### Instructions to follow
Match on the string "fill" in the entries below and return every matching line.

### Items listed in a dataset
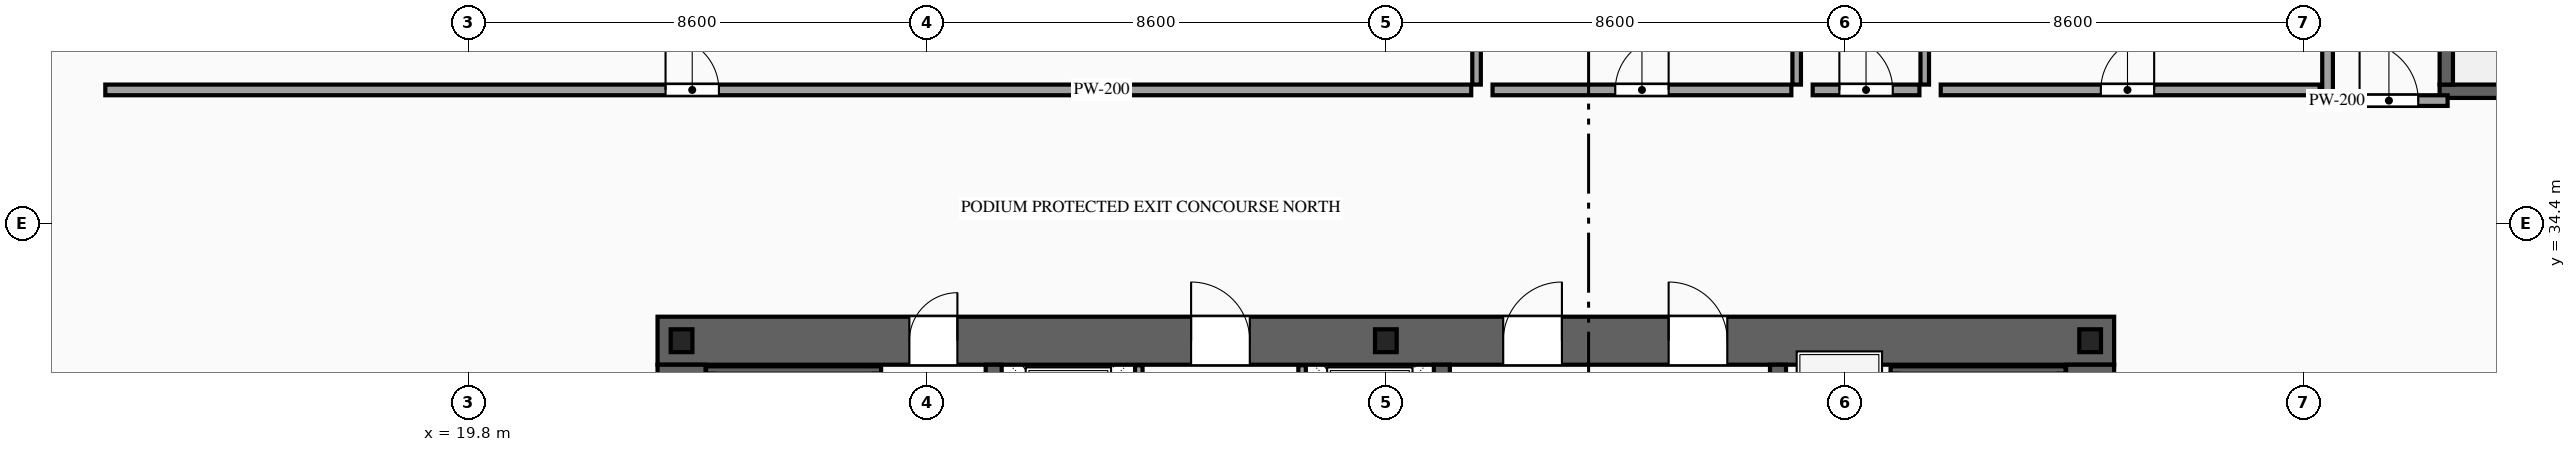
"""IFC4 building model, lengths in metres.
Left out: names, types, materials, properties, quantities, classifications, styles, units other than length and angle.
Written with IfcOpenShell. Run it as: python <this file> out.ifc"""

import sys

from ifc_helpers import new_model, si_unit, direction, frame, frame_2d, origin, origin_2d, place, context, subcontext, project, spatial, rectangle, i_section, extrude, source, transform, mapped, element, fill, save


model = new_model("IFC4")
c1 = context("Model", 3, precision=1e-05, world=origin(), true_north=direction((0.0, 1.0)))
c2 = subcontext(c1, "Body", "Model", "MODEL_VIEW")
j1 = project(units=[si_unit("LENGTHUNIT", "METRE"), si_unit("PLANEANGLEUNIT", "RADIAN")], contexts=[c1])
p1 = place(None, origin())
s1 = spatial("IfcSite", under=j1, at=p1, CompositionType="ELEMENT")
p2 = place(p1, origin())
s2 = spatial("IfcBuilding", under=s1, at=p2, CompositionType="ELEMENT")
p3 = place(p2, origin())
s3 = spatial("IfcBuildingStorey", under=s2, at=p3, CompositionType="ELEMENT", Elevation=0.0)
p4 = place(p3, frame((23.35, 32.2, 0.0), z_axis=(0.0, 0.0, 1.0), x_axis=(1.0, 0.0, 0.0)))
e1 = element("IfcWall", 1, at=p4, inside=s3, PredefinedType="SHEAR", context=c2, shape_type="SweptSolid", body=[
    extrude(rectangle(XDim=27.3, YDim=0.9, at=frame_2d((13.65, 0.0))), origin(), (0.0, 0.0, 1.0), 5.4),
])
p5 = place(p4, frame((4.72, 0.0, 0.0)))
e2 = element("IfcOpeningElement", 2, at=p5, cuts=e1, PredefinedType="OPENING", context=c2, shape_type="SweptSolid", body=[
    extrude(rectangle(XDim=0.9, YDim=2.15, at=frame_2d((0.45, 1.075))), frame((0.0, 0.465, 0.0), z_axis=(0.0, -1.0, 0.0), x_axis=(1.0, 0.0, 0.0)), (0.0, 0.0, 1.0), 0.93),
])
p6 = place(p4, frame((10.0, 0.0, 0.0)))
e3 = element("IfcOpeningElement", 3, at=p6, cuts=e1, PredefinedType="OPENING", context=c2, shape_type="SweptSolid", body=[
    extrude(rectangle(XDim=1.1, YDim=2.2, at=frame_2d((0.55, 1.1))), frame((0.0, 0.465, 0.0), z_axis=(0.0, -1.0, 0.0), x_axis=(1.0, 0.0, 0.0)), (0.0, 0.0, 1.0), 0.93),
])
p7 = place(p4, frame((15.85, 0.0, 0.0)))
e4 = element("IfcOpeningElement", 4, at=p7, cuts=e1, PredefinedType="OPENING", context=c2, shape_type="SweptSolid", body=[
    extrude(rectangle(XDim=1.1, YDim=2.2, at=frame_2d((0.55, 1.1))), frame((0.0, 0.465, 0.0), z_axis=(0.0, -1.0, 0.0), x_axis=(1.0, 0.0, 0.0)), (0.0, 0.0, 1.0), 0.93),
])
p8 = place(p4, frame((18.95, 0.0, 0.0)))
e5 = element("IfcOpeningElement", 5, at=p8, cuts=e1, PredefinedType="OPENING", context=c2, shape_type="SweptSolid", body=[
    extrude(rectangle(XDim=1.1, YDim=2.2, at=frame_2d((0.55, 1.1))), frame((0.0, 0.465, 0.0), z_axis=(0.0, -1.0, 0.0), x_axis=(1.0, 0.0, 0.0)), (0.0, 0.0, 1.0), 0.93),
])
m1 = source(origin(), c2, "Body", "SweptSolid", [
    extrude(rectangle(XDim=11.9, YDim=0.9, at=frame_2d((5.95, 0.0))), origin(), (0.0, 0.0, 1.0), 5.4),
])
for number, where, z_axis, x_axis in (
    (6, (23.8, 19.85, 0.0), (0.0, 0.0, 1.0), (0.0, 1.0, 0.0)),
    (7, (50.2, 19.85, 0.0), (0.0, 0.0, 1.0), (0.0, 1.0, 0.0)),
):
    element("IfcWall", number, at=place(p3, frame(where, z_axis=z_axis, x_axis=x_axis)), inside=s3, PredefinedType="SHEAR", context=c2, shape_type="MappedRepresentation", body=[
        mapped(m1, transform((0.0, 0.0, 0.0), scale=1.0)),
    ])
m2 = source(origin(), c2, "Body", "SweptSolid", [
    extrude(rectangle(XDim=11.9, YDim=0.3, at=frame_2d((5.95, 0.0))), origin(), (0.0, 0.0, 1.0), 5.4),
])
for number, where, z_axis, x_axis in (
    (8, (29.65, 19.85, 0.0), (0.0, 0.0, 1.0), (0.0, 1.0, 0.0)),
    (9, (38.05, 19.85, 0.0), (0.0, 0.0, 1.0), (0.0, 1.0, 0.0)),
):
    element("IfcWall", number, at=place(p3, frame(where, z_axis=z_axis, x_axis=x_axis)), inside=s3, PredefinedType="SOLIDWALL", context=c2, shape_type="MappedRepresentation", body=[
        mapped(m2, transform((0.0, 0.0, 0.0), scale=1.0)),
    ])
p9 = place(p3, frame((44.35, 19.85, 0.0), z_axis=(0.0, 0.0, 1.0), x_axis=(0.0, 1.0, 0.0)))
e10 = element("IfcWall", 10, at=p9, inside=s3, PredefinedType="SOLIDWALL", context=c2, shape_type="SweptSolid", body=[
    extrude(rectangle(XDim=11.9, YDim=0.3, at=frame_2d((5.95, 0.0))), origin(), (0.0, 0.0, 1.0), 5.4),
])
p10 = place(p9, frame((6.35, 0.0, 0.0)))
e11 = element("IfcOpeningElement", 11, at=p10, cuts=e10, PredefinedType="OPENING", context=c2, shape_type="SweptSolid", body=[
    extrude(rectangle(XDim=1.1, YDim=2.2, at=frame_2d((0.55, 1.1))), frame((0.0, 0.165, 0.0), z_axis=(0.0, -1.0, 0.0), x_axis=(1.0, 0.0, 0.0)), (0.0, 0.0, 1.0), 0.33),
])
p11 = place(p9, frame((8.45, 0.0, 0.0)))
e12 = element("IfcOpeningElement", 12, at=p11, cuts=e10, PredefinedType="OPENING", context=c2, shape_type="SweptSolid", body=[
    extrude(rectangle(XDim=1.1, YDim=2.2, at=frame_2d((0.55, 1.1))), frame((0.0, 0.165, 0.0), z_axis=(0.0, -1.0, 0.0), x_axis=(1.0, 0.0, 0.0)), (0.0, 0.0, 1.0), 0.33),
])
p12 = place(p9, frame((10.55, 0.0, 0.0)))
e13 = element("IfcOpeningElement", 13, at=p12, cuts=e10, PredefinedType="OPENING", context=c2, shape_type="SweptSolid", body=[
    extrude(rectangle(XDim=1.1, YDim=2.2, at=frame_2d((0.55, 1.1))), frame((0.0, 0.165, 0.0), z_axis=(0.0, -1.0, 0.0), x_axis=(1.0, 0.0, 0.0)), (0.0, 0.0, 1.0), 0.33),
])
m3 = source(origin(), c2, "Body", "SweptSolid", [
    extrude(i_section(OverallWidth=0.407, OverallDepth=0.428, WebThickness=0.02, FlangeThickness=0.035, at=origin_2d()), origin(), (0.0, 0.0, 1.0), 5.4),
])
for number, where, z_axis, x_axis in (
    (14, (23.8, 32.2, 0.0), (0.0, 0.0, 1.0), (1.0, 0.0, 0.0)),
    (15, (37.0, 32.2, 0.0), (0.0, 0.0, 1.0), (1.0, 0.0, 0.0)),
    (16, (50.2, 32.2, 0.0), (0.0, 0.0, 1.0), (1.0, 0.0, 0.0)),
):
    element("IfcColumn", number, at=place(p3, frame(where, z_axis=z_axis, x_axis=x_axis)), inside=s3, PredefinedType="COLUMN", context=c2, shape_type="MappedRepresentation", body=[
        mapped(m3, transform((0.0, 0.0, 0.0), scale=1.0)),
    ])
p13 = place(p3, frame((32.37, 29.4, 0.0), z_axis=(0.0, 0.0, 1.0), x_axis=(0.0, 1.0, 0.0)))
e17 = element("IfcWall", 17, at=p13, inside=s3, PredefinedType="SOLIDWALL", context=c2, shape_type="SweptSolid", body=[
    extrude(rectangle(XDim=2.34, YDim=0.14, at=frame_2d((1.17, 0.0))), origin(), (0.0, 0.0, 1.0), 5.12),
])
p14 = place(p13, frame((0.62, 0.0, 0.0)))
e18 = element("IfcOpeningElement", 18, at=p14, cuts=e17, PredefinedType="OPENING", context=c2, shape_type="SweptSolid", body=[
    extrude(rectangle(XDim=1.1, YDim=2.2, at=frame_2d((0.55, 1.1))), frame((0.0, 0.085, 0.0), z_axis=(0.0, -1.0, 0.0), x_axis=(1.0, 0.0, 0.0)), (0.0, 0.0, 1.0), 0.17),
])
p15 = place(p3, frame((35.43, 29.4, 0.0), z_axis=(0.0, 0.0, 1.0), x_axis=(0.0, 1.0, 0.0)))
e19 = element("IfcWall", 19, at=p15, inside=s3, PredefinedType="SOLIDWALL", context=c2, shape_type="SweptSolid", body=[
    extrude(rectangle(XDim=2.34, YDim=0.14, at=frame_2d((1.17, 0.0))), origin(), (0.0, 0.0, 1.0), 5.12),
])
p16 = place(p15, frame((0.62, 0.0, 0.0)))
e20 = element("IfcOpeningElement", 20, at=p16, cuts=e19, PredefinedType="OPENING", context=c2, shape_type="SweptSolid", body=[
    extrude(rectangle(XDim=1.1, YDim=2.2, at=frame_2d((0.55, 1.1))), frame((0.0, 0.085, 0.0), z_axis=(0.0, -1.0, 0.0), x_axis=(1.0, 0.0, 0.0)), (0.0, 0.0, 1.0), 0.17),
])
m4 = source(origin(), c2, "Body", "SweptSolid", [
    extrude(rectangle(XDim=3.28, YDim=0.14, at=frame_2d((1.64, 0.0))), origin(), (0.0, 0.0, 1.0), 5.12),
])
for number, where, z_axis, x_axis in (
    (21, (24.26, 31.65, 0.0), (0.0, 0.0, 1.0), (1.0, 0.0, 0.0)),
    (22, (46.46, 31.65, 0.0), (0.0, 0.0, 1.0), (1.0, 0.0, 0.0)),
):
    element("IfcWall", number, at=place(p3, frame(where, z_axis=z_axis, x_axis=x_axis)), inside=s3, PredefinedType="SOLIDWALL", context=c2, shape_type="MappedRepresentation", body=[
        mapped(m4, transform((0.0, 0.0, 0.0), scale=1.0)),
    ])
m5 = source(origin(), c2, "Body", "SweptSolid", [
    extrude(rectangle(XDim=4.3, YDim=0.25, at=frame_2d((2.15, 0.0))), origin(), (0.0, 0.0, 1.0), 5.12),
])
p17 = place(p3, frame((56.75, 36.875, 0.0), z_axis=(0.0, 0.0, 1.0), x_axis=(1.0, 0.0, 0.0)))
e23 = element("IfcWall", 23, at=p17, inside=s3, PredefinedType="SOLIDWALL", context=c2, shape_type="MappedRepresentation", body=[
    mapped(m5, transform((0.0, 0.0, 0.0), scale=1.0)),
])
p18 = place(p3, frame((56.875, 37.0, 0.0), z_axis=(0.0, 0.0, 1.0), x_axis=(0.0, 1.0, 0.0)))
e24 = element("IfcWall", 24, at=p18, inside=s3, PredefinedType="SOLIDWALL", context=c2, shape_type="SweptSolid", body=[
    extrude(rectangle(XDim=9.6, YDim=0.25, at=frame_2d((4.8, 0.0))), origin(), (0.0, 0.0, 1.0), 5.12),
])
p19 = place(p18, frame((8.15, 0.0, 0.0)))
e25 = element("IfcOpeningElement", 25, at=p19, cuts=e24, PredefinedType="OPENING", context=c2, shape_type="SweptSolid", body=[
    extrude(rectangle(XDim=1.1, YDim=2.2, at=frame_2d((0.55, 1.1))), frame((0.0, 0.14, 0.0), z_axis=(0.0, -1.0, 0.0), x_axis=(1.0, 0.0, 0.0)), (0.0, 0.0, 1.0), 0.28),
])
p20 = place(p3, frame((54.65, 36.7, 0.0), z_axis=(0.0, 0.0, 1.0), x_axis=(1.0, 0.0, 0.0)))
e26 = element("IfcWall", 26, at=p20, inside=s3, PredefinedType="PARTITIONING", context=c2, shape_type="SweptSolid", body=[
    extrude(rectangle(XDim=2.25, YDim=0.2, at=frame_2d((1.125, 0.0))), origin(), (0.0, 0.0, 1.0), 5.12),
])
p21 = place(p20, frame((0.6, 0.0, 0.0)))
e27 = element("IfcOpeningElement", 27, at=p21, cuts=e26, PredefinedType="OPENING", context=c2, shape_type="SweptSolid", body=[
    extrude(rectangle(XDim=1.1, YDim=2.2, at=frame_2d((0.55, 1.1))), frame((0.0, 0.115, 0.0), z_axis=(0.0, -1.0, 0.0), x_axis=(1.0, 0.0, 0.0)), (0.0, 0.0, 1.0), 0.23),
])
m6 = source(origin(), c2, "Body", "SweptSolid", [
    extrude(rectangle(XDim=12.82, YDim=0.2, at=frame_2d((6.41, 0.0))), origin(), (0.0, 0.0, 1.0), 5.12),
])
p22 = place(p3, frame((54.65, 36.8, 0.0), z_axis=(0.0, 0.0, 1.0), x_axis=(0.0, 1.0, 0.0)))
e28 = element("IfcWall", 28, at=p22, inside=s3, PredefinedType="PARTITIONING", context=c2, shape_type="MappedRepresentation", body=[
    mapped(m6, transform((0.0, 0.0, 0.0), scale=1.0)),
])
p23 = place(p3, frame((13.0, 36.9, 0.0), z_axis=(0.0, 0.0, 1.0), x_axis=(1.0, 0.0, 0.0)))
e29 = element("IfcWall", 29, at=p23, inside=s3, PredefinedType="PARTITIONING", context=c2, shape_type="SweptSolid", body=[
    extrude(rectangle(XDim=25.6, YDim=0.2, at=frame_2d((12.8, 0.0))), origin(), (0.0, 0.0, 1.0), 5.12),
])
p24 = place(p23, frame((10.5, 0.0, 0.0)))
e30 = element("IfcOpeningElement", 30, at=p24, cuts=e29, PredefinedType="OPENING", context=c2, shape_type="SweptSolid", body=[
    extrude(rectangle(XDim=1.0, YDim=2.2, at=frame_2d((0.5, 1.1))), frame((0.0, 0.115, 0.0), z_axis=(0.0, -1.0, 0.0), x_axis=(1.0, 0.0, 0.0)), (0.0, 0.0, 1.0), 0.23),
])
m7 = source(origin(), c2, "Body", "SweptSolid", [
    extrude(rectangle(XDim=12.62, YDim=0.16, at=frame_2d((6.31, 0.0))), origin(), (0.0, 0.0, 1.0), 5.12),
])
p25 = place(p3, frame((38.7, 37.0, 0.0), z_axis=(0.0, 0.0, 1.0), x_axis=(0.0, 1.0, 0.0)))
e31 = element("IfcWall", 31, at=p25, inside=s3, PredefinedType="PARTITIONING", context=c2, shape_type="MappedRepresentation", body=[
    mapped(m7, transform((0.0, 0.0, 0.0), scale=1.0)),
])
p26 = place(p3, frame((39.0, 36.9, 0.0), z_axis=(0.0, 0.0, 1.0), x_axis=(1.0, 0.0, 0.0)))
e32 = element("IfcWall", 32, at=p26, inside=s3, PredefinedType="PARTITIONING", context=c2, shape_type="SweptSolid", body=[
    extrude(rectangle(XDim=5.6, YDim=0.2, at=frame_2d((2.8, 0.0))), origin(), (0.0, 0.0, 1.0), 5.12),
])
p27 = place(p26, frame((2.3, 0.0, 0.0)))
e33 = element("IfcOpeningElement", 33, at=p27, cuts=e32, PredefinedType="OPENING", context=c2, shape_type="SweptSolid", body=[
    extrude(rectangle(XDim=1.0, YDim=2.2, at=frame_2d((0.5, 1.1))), frame((0.0, 0.115, 0.0), z_axis=(0.0, -1.0, 0.0), x_axis=(1.0, 0.0, 0.0)), (0.0, 0.0, 1.0), 0.23),
])
p28 = place(p3, frame((44.7, 37.0, 0.0), z_axis=(0.0, 0.0, 1.0), x_axis=(0.0, 1.0, 0.0)))
e34 = element("IfcWall", 34, at=p28, inside=s3, PredefinedType="PARTITIONING", context=c2, shape_type="MappedRepresentation", body=[
    mapped(m7, transform((0.0, 0.0, 0.0), scale=1.0)),
])
p29 = place(p3, frame((45.0, 36.9, 0.0), z_axis=(0.0, 0.0, 1.0), x_axis=(1.0, 0.0, 0.0)))
e35 = element("IfcWall", 35, at=p29, inside=s3, PredefinedType="PARTITIONING", context=c2, shape_type="SweptSolid", body=[
    extrude(rectangle(XDim=2.0, YDim=0.2, at=frame_2d((1.0, 0.0))), origin(), (0.0, 0.0, 1.0), 5.12),
])
p30 = place(p29, frame((0.5, 0.0, 0.0)))
e36 = element("IfcOpeningElement", 36, at=p30, cuts=e35, PredefinedType="OPENING", context=c2, shape_type="SweptSolid", body=[
    extrude(rectangle(XDim=1.0, YDim=2.2, at=frame_2d((0.5, 1.1))), frame((0.0, 0.115, 0.0), z_axis=(0.0, -1.0, 0.0), x_axis=(1.0, 0.0, 0.0)), (0.0, 0.0, 1.0), 0.23),
])
p31 = place(p3, frame((47.1, 37.0, 0.0), z_axis=(0.0, 0.0, 1.0), x_axis=(0.0, 1.0, 0.0)))
e37 = element("IfcWall", 37, at=p31, inside=s3, PredefinedType="PARTITIONING", context=c2, shape_type="MappedRepresentation", body=[
    mapped(m7, transform((0.0, 0.0, 0.0), scale=1.0)),
])
p32 = place(p3, frame((47.4, 36.9, 0.0), z_axis=(0.0, 0.0, 1.0), x_axis=(1.0, 0.0, 0.0)))
e38 = element("IfcWall", 38, at=p32, inside=s3, PredefinedType="PARTITIONING", context=c2, shape_type="SweptSolid", body=[
    extrude(rectangle(XDim=7.1, YDim=0.2, at=frame_2d((3.55, 0.0))), origin(), (0.0, 0.0, 1.0), 5.12),
])
p33 = place(p32, frame((3.0, 0.0, 0.0)))
e39 = element("IfcOpeningElement", 39, at=p33, cuts=e38, PredefinedType="OPENING", context=c2, shape_type="SweptSolid", body=[
    extrude(rectangle(XDim=1.0, YDim=2.2, at=frame_2d((0.5, 1.1))), frame((0.0, 0.115, 0.0), z_axis=(0.0, -1.0, 0.0), x_axis=(1.0, 0.0, 0.0)), (0.0, 0.0, 1.0), 0.23),
])
m8 = source(origin(), c2, "Body", "SweptSolid", [
    extrude(rectangle(XDim=0.9, YDim=2.15, at=frame_2d((0.45, 1.075))), frame((0.0, 0.025, 0.0), z_axis=(0.0, -1.0, 0.0), x_axis=(1.0, 0.0, 0.0)), (0.0, 0.0, 1.0), 0.05),
])
p34 = place(p5, origin())
e40 = element("IfcDoor", 40, at=p34, inside=s3, OperationType="SINGLE_SWING_RIGHT", PredefinedType="DOOR", context=c2, shape_type="MappedRepresentation", body=[
    mapped(m8, transform((0.0, 0.0, 0.0), scale=1.0)),
])
fill(e2, e40)
m9 = source(origin(), c2, "Body", "SweptSolid", [
    extrude(rectangle(XDim=1.1, YDim=2.2, at=frame_2d((0.55, 1.1))), frame((0.0, 0.025, 0.0), z_axis=(0.0, -1.0, 0.0), x_axis=(1.0, 0.0, 0.0)), (0.0, 0.0, 1.0), 0.05),
])
p35 = place(p6, origin())
e41 = element("IfcDoor", 41, at=p35, inside=s3, OperationType="SINGLE_SWING_LEFT", PredefinedType="DOOR", context=c2, shape_type="MappedRepresentation", body=[
    mapped(m9, transform((0.0, 0.0, 0.0), scale=1.0)),
])
fill(e3, e41)
p36 = place(p7, origin())
e42 = element("IfcDoor", 42, at=p36, inside=s3, OperationType="SINGLE_SWING_RIGHT", PredefinedType="DOOR", context=c2, shape_type="MappedRepresentation", body=[
    mapped(m9, transform((0.0, 0.0, 0.0), scale=1.0)),
])
fill(e4, e42)
p37 = place(p8, origin())
e43 = element("IfcDoor", 43, at=p37, inside=s3, OperationType="SINGLE_SWING_LEFT", PredefinedType="DOOR", context=c2, shape_type="MappedRepresentation", body=[
    mapped(m9, transform((0.0, 0.0, 0.0), scale=1.0)),
])
fill(e5, e43)
p38 = place(p21, origin())
e44 = element("IfcDoor", 44, at=p38, inside=s3, OperationType="SINGLE_SWING_LEFT", PredefinedType="DOOR", context=c2, shape_type="MappedRepresentation", body=[
    mapped(m9, transform((0.0, 0.0, 0.0), scale=1.0)),
])
fill(e27, e44)
m10 = source(origin(), c2, "Body", "SweptSolid", [
    extrude(rectangle(XDim=1.0, YDim=2.2, at=frame_2d((0.5, 1.1))), frame((0.0, 0.025, 0.0), z_axis=(0.0, -1.0, 0.0), x_axis=(1.0, 0.0, 0.0)), (0.0, 0.0, 1.0), 0.05),
])
p39 = place(p24, origin())
e45 = element("IfcDoor", 45, at=p39, inside=s3, OperationType="SINGLE_SWING_LEFT", PredefinedType="DOOR", context=c2, shape_type="MappedRepresentation", body=[
    mapped(m10, transform((0.0, 0.0, 0.0), scale=1.0)),
])
fill(e30, e45)
p40 = place(p27, origin())
e46 = element("IfcDoor", 46, at=p40, inside=s3, OperationType="SINGLE_SWING_RIGHT", PredefinedType="DOOR", context=c2, shape_type="MappedRepresentation", body=[
    mapped(m10, transform((0.0, 0.0, 0.0), scale=1.0)),
])
fill(e33, e46)
p41 = place(p30, origin())
e47 = element("IfcDoor", 47, at=p41, inside=s3, OperationType="SINGLE_SWING_LEFT", PredefinedType="DOOR", context=c2, shape_type="MappedRepresentation", body=[
    mapped(m10, transform((0.0, 0.0, 0.0), scale=1.0)),
])
fill(e36, e47)
p42 = place(p33, origin())
e48 = element("IfcDoor", 48, at=p42, inside=s3, OperationType="SINGLE_SWING_RIGHT", PredefinedType="DOOR", context=c2, shape_type="MappedRepresentation", body=[
    mapped(m10, transform((0.0, 0.0, 0.0), scale=1.0)),
])
fill(e39, e48)
save(model, sys.argv[1])

### Exercise response
from ifc_helpers import new_model, si_unit, direction, frame, frame_2d, origin, origin_2d, place, context, subcontext, project, spatial, rectangle, i_section, extrude, source, transform, mapped, element, fill, save
fill(e2, e40)
fill(e3, e41)
fill(e4, e42)
fill(e5, e43)
fill(e27, e44)
fill(e30, e45)
fill(e33, e46)
fill(e36, e47)
fill(e39, e48)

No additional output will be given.